[ASSIGNMENT]: With all images omitted, write out the records word for word.

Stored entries
====
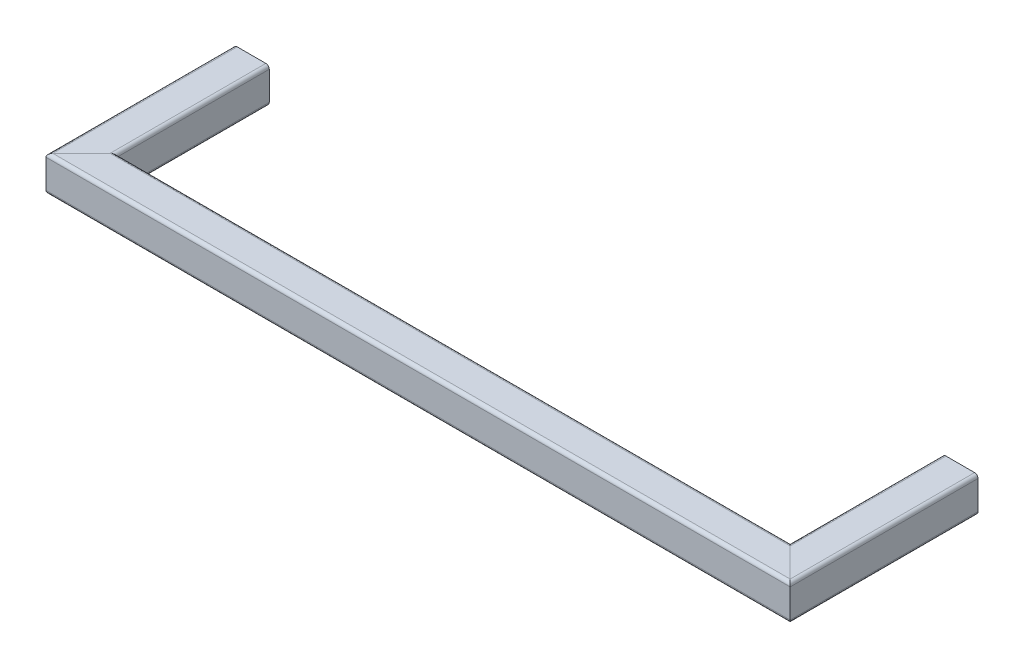
SolidWorks part; units mm, degrees
ref_plane "Front Plane" through (0, 0, 0) normal (0, 0, 1) x (1, 0, 0)
ref_plane "Top Plane" through (0, 0, 0) normal (0, 1, 0) x (1, 0, 0)
ref_plane "Right Plane" through (0, 0, 0) normal (1, 0, 0) x (0, 0, -1)
sketch "Sketch1" plane through (0, 0, 0) normal (0, 1, 0) x (1, 0, 0)
  line L0 (-250, 0) -> (250, 0)
  line L1 (-250, 0) -> (-250, 120)
  line L2 (0, 0) -> (0, 66.6058) construction
  line L3 (250, 0) -> (250, 120)
  point P4 (0, 0)
  dimension "D1" = 500
  dimension "D2" = 120
other "Gb／6728-1986 square hollow section 025 X 25 X 1.2(1)"
ref_plane "Plane1" through (-250, 0, 0) normal (0, 0, -1) x (-1, 0, 0)
sketch "Sketch11" plane through (-250, 0, 0) normal (0, 0, -1) x (-1, 0, 0)
  line L0 (-10.1, -11.3) -> (10.1, -11.3)
  line L1 (-11.3, -10.1) -> (-11.3, 10.1)
  line L2 (10.1, 11.3) -> (-10.1, 11.3)
  line L3 (11.3, 10.1) -> (11.3, -10.1)
  line L4 (-10.1, -12.5) -> (10.1, -12.5)
  line L5 (-12.5, -10.1) -> (-12.5, 10.1)
  line L6 (10.1, 12.5) -> (-10.1, 12.5)
  line L7 (12.5, 10.1) -> (12.5, -10.1)
  arc A0 (12.5, 10.1) -> (10.1, 12.5) centre (10.1, 10.1) ccw
  arc A1 (10.1, -12.5) -> (12.5, -10.1) centre (10.1, -10.1) ccw
  arc A2 (-12.5, -10.1) -> (-10.1, -12.5) centre (-10.1, -10.1) ccw
  arc A3 (-10.1, 12.5) -> (-12.5, 10.1) centre (-10.1, 10.1) ccw
  arc A4 (-10.1, 11.3) -> (-11.3, 10.1) centre (-10.1, 10.1) ccw
  arc A5 (11.3, 10.1) -> (10.1, 11.3) centre (10.1, 10.1) ccw
  arc A6 (10.1, -11.3) -> (11.3, -10.1) centre (10.1, -10.1) ccw
  arc A7 (-11.3, -10.1) -> (-10.1, -11.3) centre (-10.1, -10.1) ccw
  point P0 (-12.5, 0)
  point P1 (12.5, 0)
  point P2 (0, 12.5)
  point P3 (0, -12.5)
  point P4 (0, 0)
  point P5 (-12.5, -12.5)
  point P6 (12.5, -12.5)
  point P7 (12.5, 12.5)
  point P8 (-12.5, 12.5)
  point P33 (0, 0)
  dimension "D1" = 2.4
  dimension "Thickness" = 1.2
  dimension "V_leg" = 25
sketch "Sketch2" plane through (0, 0, -120) normal (0, 0, -1) x (-1, 0, 0)
  line L4 (-262.5, 10.1) -> (-262.5, -10.1)
  line L5 (-260.1, -12.5) -> (-239.9, -12.5)
  line L6 (-237.5, -10.1) -> (-237.5, 10.1)
  line L7 (-239.9, 12.5) -> (-260.1, 12.5)
  line L8 (-262.5, 10.1) -> (-262.5, -10.1)
  line L9 (-260.1, -12.5) -> (-239.9, -12.5)
  line L10 (-237.5, -10.1) -> (-237.5, 10.1)
  line L11 (-239.9, 12.5) -> (-260.1, 12.5)
  line L12 (260.1, 12.5) -> (239.9, 12.5)
  line L13 (237.5, 10.1) -> (237.5, -10.1)
  line L14 (239.9, -12.5) -> (260.1, -12.5)
  line L15 (262.5, -10.1) -> (262.5, 10.1)
  line L16 (260.1, 12.5) -> (239.9, 12.5)
  line L17 (237.5, 10.1) -> (237.5, -10.1)
  line L18 (239.9, -12.5) -> (260.1, -12.5)
  line L19 (262.5, -10.1) -> (262.5, 10.1)
  arc A4 (-260.1, 12.5) -> (-262.5, 10.1) centre (-260.1, 10.1) ccw
  arc A5 (-262.5, -10.1) -> (-260.1, -12.5) centre (-260.1, -10.1) ccw
  arc A6 (-239.9, -12.5) -> (-237.5, -10.1) centre (-239.9, -10.1) ccw
  arc A7 (-237.5, 10.1) -> (-239.9, 12.5) centre (-239.9, 10.1) ccw
  arc A8 (-260.1, 12.5) -> (-262.5, 10.1) centre (-260.1, 10.1) ccw
  arc A9 (-262.5, -10.1) -> (-260.1, -12.5) centre (-260.1, -10.1) ccw
  arc A10 (-239.9, -12.5) -> (-237.5, -10.1) centre (-239.9, -10.1) ccw
  arc A11 (-237.5, 10.1) -> (-239.9, 12.5) centre (-239.9, 10.1) ccw
  arc A12 (262.5, 10.1) -> (260.1, 12.5) centre (260.1, 10.1) ccw
  arc A13 (239.9, 12.5) -> (237.5, 10.1) centre (239.9, 10.1) ccw
  arc A14 (237.5, -10.1) -> (239.9, -12.5) centre (239.9, -10.1) ccw
  arc A15 (260.1, -12.5) -> (262.5, -10.1) centre (260.1, -10.1) ccw
  arc A16 (262.5, 10.1) -> (260.1, 12.5) centre (260.1, 10.1) ccw
  arc A17 (239.9, 12.5) -> (237.5, 10.1) centre (239.9, 10.1) ccw
  arc A18 (237.5, -10.1) -> (239.9, -12.5) centre (239.9, -10.1) ccw
  arc A19 (260.1, -12.5) -> (262.5, -10.1) centre (260.1, -10.1) ccw
  dimension "D1" = 0
  dimension "D2" = 0
extrude "Boss-Extrude1" add sketch "Sketch2" against normal blind 3
sketch "Sketch3" plane through (0, -12.5, 0) normal (0, -1, 0) x (1, 0, 0)
  line L0 (250, -120) -> (250, -105) construction
  line L1 (239.9, -120) -> (260.1, -120) construction
  line L2 (0, 0) -> (0, -111.6676) construction
  line L3 (-250, -120) -> (-250, -105) construction
  circle A0 centre (250, -105) radius 5
  circle A1 centre (-250, -105) radius 5
  dimension "D1" = 10
  dimension "D2" = 15
extrude "Cut-Extrude1" cut sketch "Sketch3" against normal blind 2
====
[SOLUTION TO THE PROBLEM]:
SolidWorks part; units mm, degrees
ref_plane "Front Plane" through (0, 0, 0) normal (0, 0, 1) x (1, 0, 0)
ref_plane "Top Plane" through (0, 0, 0) normal (0, 1, 0) x (1, 0, 0)
ref_plane "Right Plane" through (0, 0, 0) normal (1, 0, 0) x (0, 0, -1)
sketch "Sketch1" plane through (0, 0, 0) normal (0, 1, 0) x (1, 0, 0)
  line L0 (-250, 0) -> (250, 0)
  line L1 (-250, 0) -> (-250, 120)
  line L2 (0, 0) -> (0, 66.6058) construction
  line L3 (250, 0) -> (250, 120)
  point P4 (0, 0)
  dimension "D1" = 500
  dimension "D2" = 120
other "Gb／6728-1986 square hollow section 025 X 25 X 1.2(1)"
ref_plane "Plane1" through (-250, 0, 0) normal (0, 0, -1) x (-1, 0, 0)
sketch "Sketch11" plane through (-250, 0, 0) normal (0, 0, -1) x (-1, 0, 0)
  line L0 (-10.1, -11.3) -> (10.1, -11.3)
  line L1 (-11.3, -10.1) -> (-11.3, 10.1)
  line L2 (10.1, 11.3) -> (-10.1, 11.3)
  line L3 (11.3, 10.1) -> (11.3, -10.1)
  line L4 (-10.1, -12.5) -> (10.1, -12.5)
  line L5 (-12.5, -10.1) -> (-12.5, 10.1)
  line L6 (10.1, 12.5) -> (-10.1, 12.5)
  line L7 (12.5, 10.1) -> (12.5, -10.1)
  arc A0 (12.5, 10.1) -> (10.1, 12.5) centre (10.1, 10.1) ccw
  arc A1 (10.1, -12.5) -> (12.5, -10.1) centre (10.1, -10.1) ccw
  arc A2 (-12.5, -10.1) -> (-10.1, -12.5) centre (-10.1, -10.1) ccw
  arc A3 (-10.1, 12.5) -> (-12.5, 10.1) centre (-10.1, 10.1) ccw
  arc A4 (-10.1, 11.3) -> (-11.3, 10.1) centre (-10.1, 10.1) ccw
  arc A5 (11.3, 10.1) -> (10.1, 11.3) centre (10.1, 10.1) ccw
  arc A6 (10.1, -11.3) -> (11.3, -10.1) centre (10.1, -10.1) ccw
  arc A7 (-11.3, -10.1) -> (-10.1, -11.3) centre (-10.1, -10.1) ccw
  point P0 (-12.5, 0)
  point P1 (12.5, 0)
  point P2 (0, 12.5)
  point P3 (0, -12.5)
  point P4 (0, 0)
  point P5 (-12.5, -12.5)
  point P6 (12.5, -12.5)
  point P7 (12.5, 12.5)
  point P8 (-12.5, 12.5)
  point P33 (0, 0)
  dimension "D1" = 2.4
  dimension "Thickness" = 1.2
  dimension "V_leg" = 25
sketch "Sketch2" plane through (0, 0, -120) normal (0, 0, -1) x (-1, 0, 0)
  line L4 (-262.5, 10.1) -> (-262.5, -10.1)
  line L5 (-260.1, -12.5) -> (-239.9, -12.5)
  line L6 (-237.5, -10.1) -> (-237.5, 10.1)
  line L7 (-239.9, 12.5) -> (-260.1, 12.5)
  line L8 (-262.5, 10.1) -> (-262.5, -10.1)
  line L9 (-260.1, -12.5) -> (-239.9, -12.5)
  line L10 (-237.5, -10.1) -> (-237.5, 10.1)
  line L11 (-239.9, 12.5) -> (-260.1, 12.5)
  line L12 (260.1, 12.5) -> (239.9, 12.5)
  line L13 (237.5, 10.1) -> (237.5, -10.1)
  line L14 (239.9, -12.5) -> (260.1, -12.5)
  line L15 (262.5, -10.1) -> (262.5, 10.1)
  line L16 (260.1, 12.5) -> (239.9, 12.5)
  line L17 (237.5, 10.1) -> (237.5, -10.1)
  line L18 (239.9, -12.5) -> (260.1, -12.5)
  line L19 (262.5, -10.1) -> (262.5, 10.1)
  arc A4 (-260.1, 12.5) -> (-262.5, 10.1) centre (-260.1, 10.1) ccw
  arc A5 (-262.5, -10.1) -> (-260.1, -12.5) centre (-260.1, -10.1) ccw
  arc A6 (-239.9, -12.5) -> (-237.5, -10.1) centre (-239.9, -10.1) ccw
  arc A7 (-237.5, 10.1) -> (-239.9, 12.5) centre (-239.9, 10.1) ccw
  arc A8 (-260.1, 12.5) -> (-262.5, 10.1) centre (-260.1, 10.1) ccw
  arc A9 (-262.5, -10.1) -> (-260.1, -12.5) centre (-260.1, -10.1) ccw
  arc A10 (-239.9, -12.5) -> (-237.5, -10.1) centre (-239.9, -10.1) ccw
  arc A11 (-237.5, 10.1) -> (-239.9, 12.5) centre (-239.9, 10.1) ccw
  arc A12 (262.5, 10.1) -> (260.1, 12.5) centre (260.1, 10.1) ccw
  arc A13 (239.9, 12.5) -> (237.5, 10.1) centre (239.9, 10.1) ccw
  arc A14 (237.5, -10.1) -> (239.9, -12.5) centre (239.9, -10.1) ccw
  arc A15 (260.1, -12.5) -> (262.5, -10.1) centre (260.1, -10.1) ccw
  arc A16 (262.5, 10.1) -> (260.1, 12.5) centre (260.1, 10.1) ccw
  arc A17 (239.9, 12.5) -> (237.5, 10.1) centre (239.9, 10.1) ccw
  arc A18 (237.5, -10.1) -> (239.9, -12.5) centre (239.9, -10.1) ccw
  arc A19 (260.1, -12.5) -> (262.5, -10.1) centre (260.1, -10.1) ccw
  dimension "D1" = 0
  dimension "D2" = 0
extrude "Boss-Extrude1" add sketch "Sketch2" against normal blind 3
sketch "Sketch3" plane through (0, -12.5, 0) normal (0, -1, 0) x (1, 0, 0)
  line L0 (250, -120) -> (250, -105) construction
  line L1 (239.9, -120) -> (260.1, -120) construction
  line L2 (0, 0) -> (0, -111.6676) construction
  line L3 (-250, -120) -> (-250, -105) construction
  circle A0 centre (250, -105) radius 5
  circle A1 centre (-250, -105) radius 5
  dimension "D1" = 10
  dimension "D2" = 15
extrude "Cut-Extrude1" cut sketch "Sketch3" against normal blind 2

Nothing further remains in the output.